ASSIGNMENT:
Search the listing for the word "IfcColumn". Copy every line where it is found.

Start of MATERIAL SHOWN

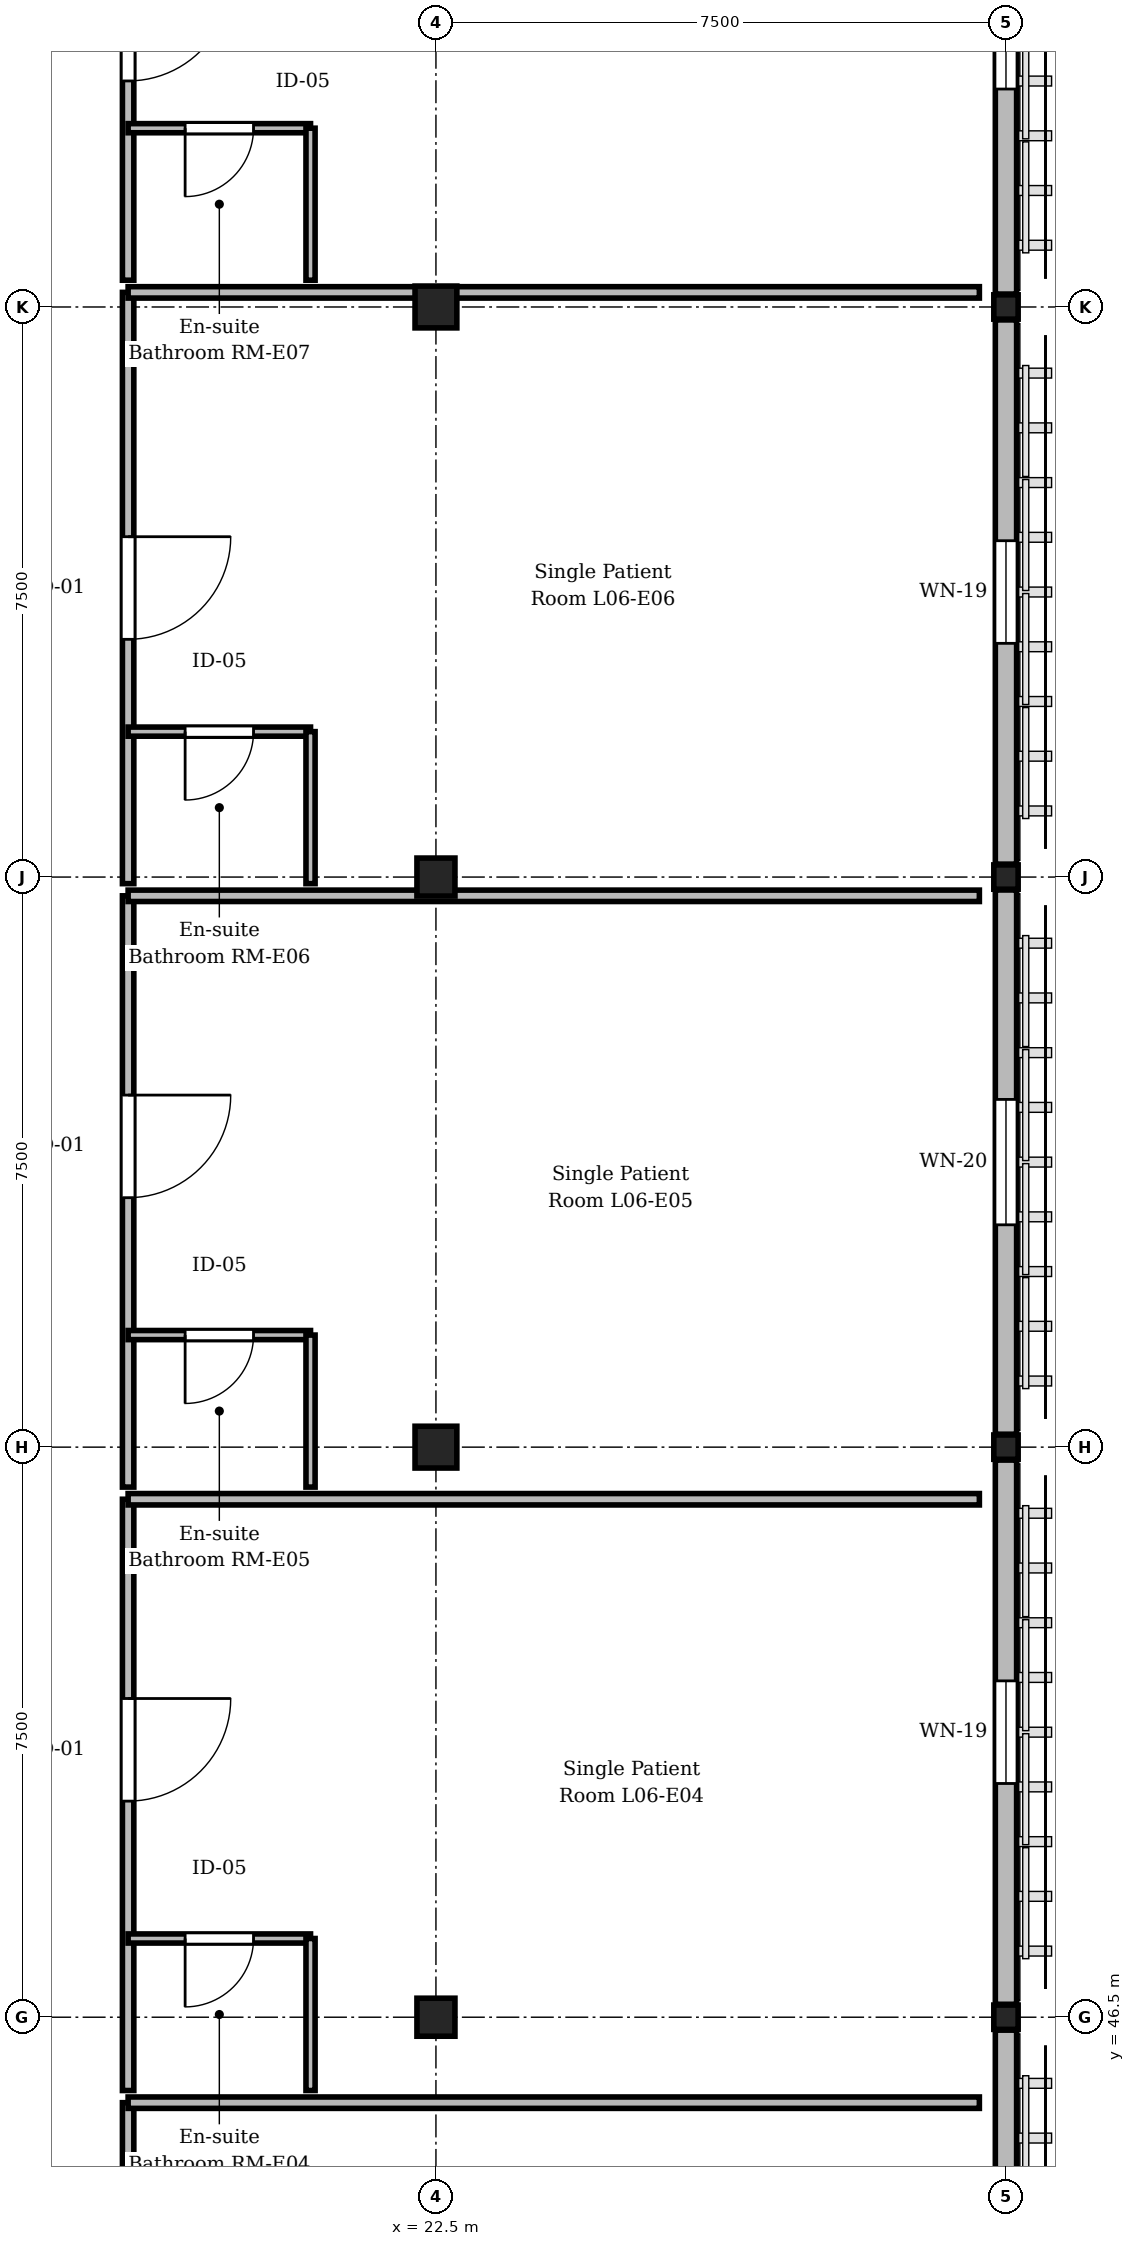
"""IFC4 building model, lengths in metres.
Left out: names, types, materials, properties, quantities, classifications, styles, units other than length and angle.
Written with IfcOpenShell. Run it as: python <this file> out.ifc"""

import sys

from ifc_helpers import new_model, si_unit, direction, frame, frame_2d, origin, origin_2d, place, context, subcontext, project, spatial, rectangle, extrude, element, fill, save


model = new_model("IFC4")
c1 = context("Model", 3, precision=1e-05, world=origin(), true_north=direction((0.0, 1.0)))
c2 = subcontext(c1, "Body", "Model", "MODEL_VIEW")
j1 = project(units=[si_unit("LENGTHUNIT", "METRE"), si_unit("PLANEANGLEUNIT", "RADIAN")], contexts=[c1])
p1 = place(None, origin())
s1 = spatial("IfcSite", under=j1, at=p1, CompositionType="ELEMENT")
p2 = place(p1, origin())
s2 = spatial("IfcBuilding", under=s1, at=p2, CompositionType="ELEMENT")
p3 = place(p2, frame((0.0, 0.0, 25.95)))
s3 = spatial("IfcBuildingStorey", under=s2, at=p3, CompositionType="ELEMENT", Elevation=25.95)
p4 = place(p3, frame((22.5, 46.5, 0.0), z_axis=(0.0, 0.0, 1.0), x_axis=(1.0, 0.0, 0.0)))
e1 = element("IfcColumn", 1, at=p4, inside=s3, PredefinedType="COLUMN", context=c2, shape_type="SweptSolid", body=[
    extrude(rectangle(XDim=0.5, YDim=0.5, at=origin_2d()), origin(), (0.0, 0.0, 1.0), 4.05),
])
p5 = place(p3, frame((22.5, 54.0, 0.0), z_axis=(0.0, 0.0, 1.0), x_axis=(1.0, 0.0, 0.0)))
e2 = element("IfcColumn", 2, at=p5, inside=s3, PredefinedType="COLUMN", context=c2, shape_type="SweptSolid", body=[
    extrude(rectangle(XDim=0.55, YDim=0.55, at=origin_2d()), origin(), (0.0, 0.0, 1.0), 4.05),
])
p6 = place(p3, frame((22.5, 61.5, 0.0), z_axis=(0.0, 0.0, 1.0), x_axis=(1.0, 0.0, 0.0)))
e3 = element("IfcColumn", 3, at=p6, inside=s3, PredefinedType="COLUMN", context=c2, shape_type="SweptSolid", body=[
    extrude(rectangle(XDim=0.5, YDim=0.5, at=origin_2d()), origin(), (0.0, 0.0, 1.0), 4.05),
])
p7 = place(p3, frame((22.5, 69.0, 0.0), z_axis=(0.0, 0.0, 1.0), x_axis=(1.0, 0.0, 0.0)))
e4 = element("IfcColumn", 4, at=p7, inside=s3, PredefinedType="COLUMN", context=c2, shape_type="SweptSolid", body=[
    extrude(rectangle(XDim=0.55, YDim=0.55, at=origin_2d()), origin(), (0.0, 0.0, 1.0), 4.05),
])
for number, where, z_axis, x_axis in (
    (5, (30.0, 46.5, 0.0), (0.0, 0.0, 1.0), (1.0, 0.0, 0.0)),
    (6, (30.0, 54.0, 0.0), (0.0, 0.0, 1.0), (1.0, 0.0, 0.0)),
    (7, (30.0, 61.5, 0.0), (0.0, 0.0, 1.0), (1.0, 0.0, 0.0)),
    (8, (30.0, 69.0, 0.0), (0.0, 0.0, 1.0), (1.0, 0.0, 0.0)),
):
    element("IfcColumn", number, at=place(p3, frame(where, z_axis=z_axis, x_axis=x_axis)), inside=s3, PredefinedType="COLUMN", context=c2, shape_type="SweptSolid", body=[
        extrude(rectangle(XDim=0.32, YDim=0.32, at=origin_2d()), origin(), (0.0, 0.0, 1.0), 4.05),
    ])
p8 = place(p3, frame((30.0, 46.33, 0.0), z_axis=(0.0, 0.0, 1.0), x_axis=(0.0, -1.0, 0.0)))
e9 = element("IfcWall", 9, at=p8, inside=s3, PredefinedType="STANDARD", context=c2, shape_type="SweptSolid", body=[
    extrude(rectangle(XDim=7.16, YDim=0.28, at=frame_2d((3.58, 0.0))), origin(), (0.0, 0.0, 1.0), 3.17),
])
p9 = place(p8, frame((2.755, 0.0, 0.85)))
e10 = element("IfcOpeningElement", 10, at=p9, cuts=e9, PredefinedType="OPENING", context=c2, shape_type="SweptSolid", body=[
    extrude(rectangle(XDim=1.65, YDim=2.04, at=frame_2d((0.825, 1.02))), frame((0.0, 0.15, 0.0), z_axis=(0.0, -1.0, 0.0), x_axis=(1.0, 0.0, 0.0)), (0.0, 0.0, 1.0), 0.3),
])
p10 = place(p3, frame((30.0, 53.83, 0.0), z_axis=(0.0, 0.0, 1.0), x_axis=(0.0, -1.0, 0.0)))
e11 = element("IfcWall", 11, at=p10, inside=s3, PredefinedType="STANDARD", context=c2, shape_type="SweptSolid", body=[
    extrude(rectangle(XDim=7.16, YDim=0.28, at=frame_2d((3.58, 0.0))), origin(), (0.0, 0.0, 1.0), 3.17),
])
p11 = place(p10, frame((2.905, 0.0, 0.85)))
e12 = element("IfcOpeningElement", 12, at=p11, cuts=e11, PredefinedType="OPENING", context=c2, shape_type="SweptSolid", body=[
    extrude(rectangle(XDim=1.35, YDim=2.04, at=frame_2d((0.675, 1.02))), frame((0.0, 0.15, 0.0), z_axis=(0.0, -1.0, 0.0), x_axis=(1.0, 0.0, 0.0)), (0.0, 0.0, 1.0), 0.3),
])
p12 = place(p3, frame((30.0, 61.33, 0.0), z_axis=(0.0, 0.0, 1.0), x_axis=(0.0, -1.0, 0.0)))
e13 = element("IfcWall", 13, at=p12, inside=s3, PredefinedType="STANDARD", context=c2, shape_type="SweptSolid", body=[
    extrude(rectangle(XDim=7.16, YDim=0.28, at=frame_2d((3.58, 0.0))), origin(), (0.0, 0.0, 1.0), 3.17),
])
p13 = place(p12, frame((2.755, 0.0, 0.85)))
e14 = element("IfcOpeningElement", 14, at=p13, cuts=e13, PredefinedType="OPENING", context=c2, shape_type="SweptSolid", body=[
    extrude(rectangle(XDim=1.65, YDim=2.04, at=frame_2d((0.825, 1.02))), frame((0.0, 0.15, 0.0), z_axis=(0.0, -1.0, 0.0), x_axis=(1.0, 0.0, 0.0)), (0.0, 0.0, 1.0), 0.3),
])
p14 = place(p3, frame((30.0, 68.83, 0.0), z_axis=(0.0, 0.0, 1.0), x_axis=(0.0, -1.0, 0.0)))
e15 = element("IfcWall", 15, at=p14, inside=s3, PredefinedType="STANDARD", context=c2, shape_type="SweptSolid", body=[
    extrude(rectangle(XDim=7.16, YDim=0.28, at=frame_2d((3.58, 0.0))), origin(), (0.0, 0.0, 1.0), 3.17),
])
p15 = place(p14, frame((2.905, 0.0, 0.85)))
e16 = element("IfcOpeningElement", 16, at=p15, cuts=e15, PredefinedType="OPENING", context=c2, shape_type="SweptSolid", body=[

End of MATERIAL SHOWN

RESULT OF THE EXERCISE:
e1 = element("IfcColumn", 1, at=p4, inside=s3, PredefinedType="COLUMN", context=c2, shape_type="SweptSolid", body=[
e2 = element("IfcColumn", 2, at=p5, inside=s3, PredefinedType="COLUMN", context=c2, shape_type="SweptSolid", body=[
e3 = element("IfcColumn", 3, at=p6, inside=s3, PredefinedType="COLUMN", context=c2, shape_type="SweptSolid", body=[
e4 = element("IfcColumn", 4, at=p7, inside=s3, PredefinedType="COLUMN", context=c2, shape_type="SweptSolid", body=[
    element("IfcColumn", number, at=place(p3, frame(where, z_axis=z_axis, x_axis=x_axis)), inside=s3, PredefinedType="COLUMN", context=c2, shape_type="SweptSolid", body=[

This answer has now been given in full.